▶ TASK GOAL: Extract, from the listing that follows, each line containing the word "units".

▶ EXERCISE MATERIALS:
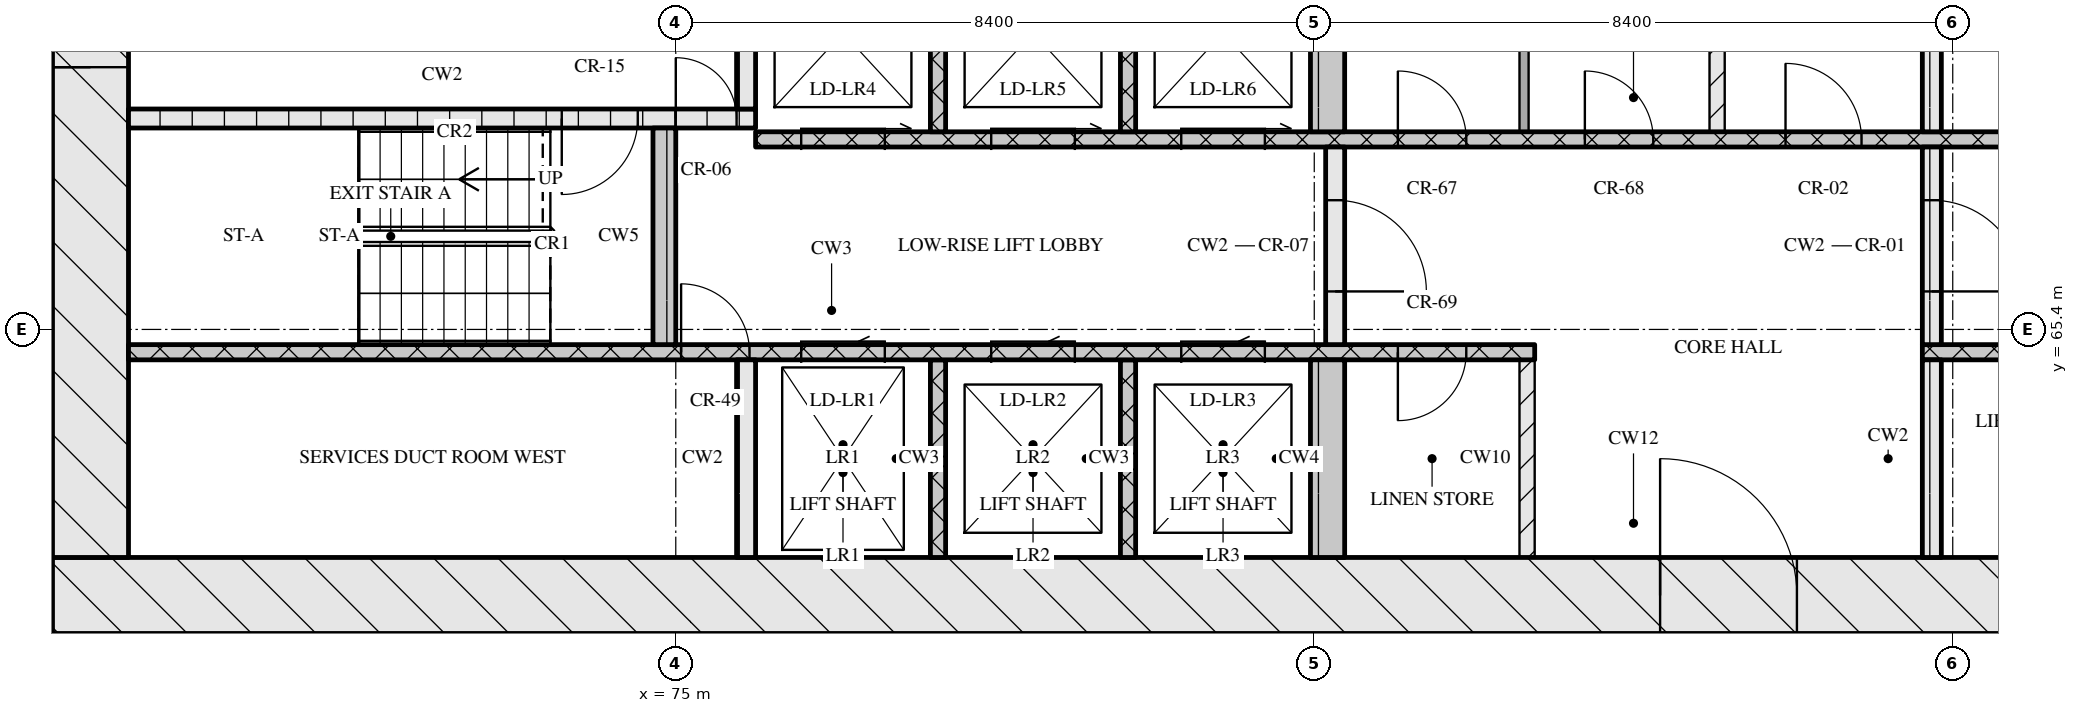
"""IFC4 building model, lengths in metres.
Left out: names, types, materials, properties, quantities, classifications, styles, units other than length and angle.
Written with IfcOpenShell. Run it as: python <this file> out.ifc"""

import sys

from ifc_helpers import new_model, si_unit, direction, frame, frame_2d, origin, place, context, subcontext, project, spatial, rectangle, extrude, element, fill, save


model = new_model("IFC4")
c1 = context("Model", 3, precision=1e-05, world=origin(), true_north=direction((0.0, 1.0)))
c2 = subcontext(c1, "Body", "Model", "MODEL_VIEW")
j1 = project(units=[si_unit("LENGTHUNIT", "METRE"), si_unit("PLANEANGLEUNIT", "RADIAN")], contexts=[c1])
p1 = place(None, origin())
s1 = spatial("IfcSite", under=j1, at=p1, CompositionType="ELEMENT")
p2 = place(p1, origin())
s2 = spatial("IfcBuilding", under=s1, at=p2, CompositionType="ELEMENT")
p3 = place(p2, frame((0.0, 0.0, 127.65)))
s3 = spatial("IfcBuildingStorey", under=s2, at=p3, CompositionType="ELEMENT", Elevation=127.65)
p4 = place(p3, frame((66.8, 61.9, 0.0), z_axis=(0.0, 0.0, 1.0), x_axis=(1.0, 0.0, 0.0)))
e1 = element("IfcWall", 1, at=p4, inside=s3, PredefinedType="SOLIDWALL", context=c2, shape_type="SweptSolid", body=[
    extrude(rectangle(XDim=41.6, YDim=1.0, at=frame_2d((20.8, 0.0))), origin(), (0.0, 0.0, 1.0), 3.32),
])
p5 = place(p4, frame((21.15, 0.0, 0.0)))
e2 = element("IfcOpeningElement", 2, at=p5, cuts=e1, PredefinedType="OPENING", context=c2, shape_type="SweptSolid", body=[
    extrude(rectangle(XDim=1.8, YDim=2.1, at=frame_2d((0.9, 1.05))), frame((0.0, 0.51, 0.0), z_axis=(0.0, -1.0, 0.0), x_axis=(1.0, 0.0, 0.0)), (0.0, 0.0, 1.0), 1.02),
])
p6 = place(p3, frame((67.3, 62.4, 0.0), z_axis=(0.0, 0.0, 1.0), x_axis=(0.0, 1.0, 0.0)))
e3 = element("IfcWall", 3, at=p6, inside=s3, PredefinedType="SOLIDWALL", context=c2, shape_type="SweptSolid", body=[
    extrude(rectangle(XDim=12.0, YDim=1.0, at=frame_2d((6.0, 0.0))), origin(), (0.0, 0.0, 1.0), 3.32),
])
p7 = place(p6, frame((6.45, 0.0, 0.0)))
e4 = element("IfcOpeningElement", 4, at=p7, cuts=e3, PredefinedType="OPENING", context=c2, shape_type="SweptSolid", body=[
    extrude(rectangle(XDim=1.2, YDim=2.1, at=frame_2d((0.6, 1.05))), frame((0.0, 0.51, 0.0), z_axis=(0.0, -1.0, 0.0), x_axis=(1.0, 0.0, 0.0)), (0.0, 0.0, 1.0), 1.02),
])
p8 = place(p3, frame((75.925, 62.4, 0.0), z_axis=(0.0, 0.0, 1.0), x_axis=(0.0, 1.0, 0.0)))
e5 = element("IfcWall", 5, at=p8, inside=s3, PredefinedType="SOLIDWALL", context=c2, shape_type="SweptSolid", body=[
    extrude(rectangle(XDim=2.6, YDim=0.25, at=frame_2d((1.3, 0.0))), origin(), (0.0, 0.0, 1.0), 3.32),
])
for number, where, z_axis, x_axis in (
    (6, (78.45, 62.4, 0.0), (0.0, 0.0, 1.0), (0.0, 1.0, 0.0)),
    (7, (80.95, 62.4, 0.0), (0.0, 0.0, 1.0), (0.0, 1.0, 0.0)),
):
    element("IfcWall", number, at=place(p3, frame(where, z_axis=z_axis, x_axis=x_axis)), inside=s3, PredefinedType="SOLIDWALL", context=c2, shape_type="SweptSolid", body=[
        extrude(rectangle(XDim=2.6, YDim=0.2, at=frame_2d((1.3, 0.0))), origin(), (0.0, 0.0, 1.0), 3.32),
    ])
p9 = place(p3, frame((83.575, 62.4, 0.0), z_axis=(0.0, 0.0, 1.0), x_axis=(0.0, 1.0, 0.0)))
e8 = element("IfcWall", 8, at=p9, inside=s3, PredefinedType="SOLIDWALL", context=c2, shape_type="SweptSolid", body=[
    extrude(rectangle(XDim=2.6, YDim=0.45, at=frame_2d((1.3, 0.0))), origin(), (0.0, 0.0, 1.0), 3.32),
])
p10 = place(p3, frame((86.2, 62.4, 0.0), z_axis=(0.0, 0.0, 1.0), x_axis=(0.0, 1.0, 0.0)))
e9 = element("IfcWall", 9, at=p10, inside=s3, PredefinedType="PARTITIONING", context=c2, shape_type="SweptSolid", body=[
    extrude(rectangle(XDim=2.6, YDim=0.2, at=frame_2d((1.3, 0.0))), origin(), (0.0, 0.0, 1.0), 3.32),
])
p11 = place(p3, frame((91.525, 62.4, 0.0), z_axis=(0.0, 0.0, 1.0), x_axis=(0.0, 1.0, 0.0)))
e10 = element("IfcWall", 10, at=p11, inside=s3, PredefinedType="SOLIDWALL", context=c2, shape_type="SweptSolid", body=[
    extrude(rectangle(XDim=2.6, YDim=0.25, at=frame_2d((1.3, 0.0))), origin(), (0.0, 0.0, 1.0), 3.32),
])
p12 = place(p3, frame((67.8, 65.1, 0.0), z_axis=(0.0, 0.0, 1.0), x_axis=(1.0, 0.0, 0.0)))
e11 = element("IfcWall", 11, at=p12, inside=s3, PredefinedType="SOLIDWALL", context=c2, shape_type="SweptSolid", body=[
    extrude(rectangle(XDim=18.5, YDim=0.2, at=frame_2d((9.25, 0.0))), origin(), (0.0, 0.0, 1.0), 3.32),
])
p13 = place(p12, frame((7.27, 0.0, 0.0)))
e12 = element("IfcOpeningElement", 12, at=p13, cuts=e11, PredefinedType="OPENING", context=c2, shape_type="SweptSolid", body=[
    extrude(rectangle(XDim=0.9, YDim=2.1, at=frame_2d((0.45, 1.05))), frame((0.0, 0.11, 0.0), z_axis=(0.0, -1.0, 0.0), x_axis=(1.0, 0.0, 0.0)), (0.0, 0.0, 1.0), 0.22),
])
p14 = place(p12, frame((8.85, 0.0, 0.0)))
e13 = element("IfcOpeningElement", 13, at=p14, cuts=e11, PredefinedType="OPENING", context=c2, shape_type="SweptSolid", body=[
    extrude(rectangle(XDim=1.1, YDim=2.1, at=frame_2d((0.55, 1.05))), frame((0.0, 0.11, 0.0), z_axis=(0.0, -1.0, 0.0), x_axis=(1.0, 0.0, 0.0)), (0.0, 0.0, 1.0), 0.22),
])
p15 = place(p12, frame((11.35, 0.0, 0.0)))
e14 = element("IfcOpeningElement", 14, at=p15, cuts=e11, PredefinedType="OPENING", context=c2, shape_type="SweptSolid", body=[
    extrude(rectangle(XDim=1.1, YDim=2.1, at=frame_2d((0.55, 1.05))), frame((0.0, 0.11, 0.0), z_axis=(0.0, -1.0, 0.0), x_axis=(1.0, 0.0, 0.0)), (0.0, 0.0, 1.0), 0.22),
])
p16 = place(p12, frame((13.85, 0.0, 0.0)))
e15 = element("IfcOpeningElement", 15, at=p16, cuts=e11, PredefinedType="OPENING", context=c2, shape_type="SweptSolid", body=[
    extrude(rectangle(XDim=1.1, YDim=2.1, at=frame_2d((0.55, 1.05))), frame((0.0, 0.11, 0.0), z_axis=(0.0, -1.0, 0.0), x_axis=(1.0, 0.0, 0.0)), (0.0, 0.0, 1.0), 0.22),
])
p17 = place(p12, frame((16.7, 0.0, 0.0)))
e16 = element("IfcOpeningElement", 16, at=p17, cuts=e11, PredefinedType="OPENING", context=c2, shape_type="SweptSolid", body=[
    extrude(rectangle(XDim=0.9, YDim=2.1, at=frame_2d((0.45, 1.05))), frame((0.0, 0.11, 0.0), z_axis=(0.0, -1.0, 0.0), x_axis=(1.0, 0.0, 0.0)), (0.0, 0.0, 1.0), 0.22),
])
p18 = place(p3, frame((91.4, 65.1, 0.0), z_axis=(0.0, 0.0, 1.0), x_axis=(1.0, 0.0, 0.0)))
e17 = element("IfcWall", 17, at=p18, inside=s3, PredefinedType="SOLIDWALL", context=c2, shape_type="SweptSolid", body=[
    extrude(rectangle(XDim=16.0, YDim=0.2, at=frame_2d((8.0, 0.0))), origin(), (0.0, 0.0, 1.0), 3.32),
])
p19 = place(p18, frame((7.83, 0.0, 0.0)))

▶ RESPONSE AREA:
Left out: names, types, materials, properties, quantities, classifications, styles, units other than length and angle.
j1 = project(units=[si_unit("LENGTHUNIT", "METRE"), si_unit("PLANEANGLEUNIT", "RADIAN")], contexts=[c1])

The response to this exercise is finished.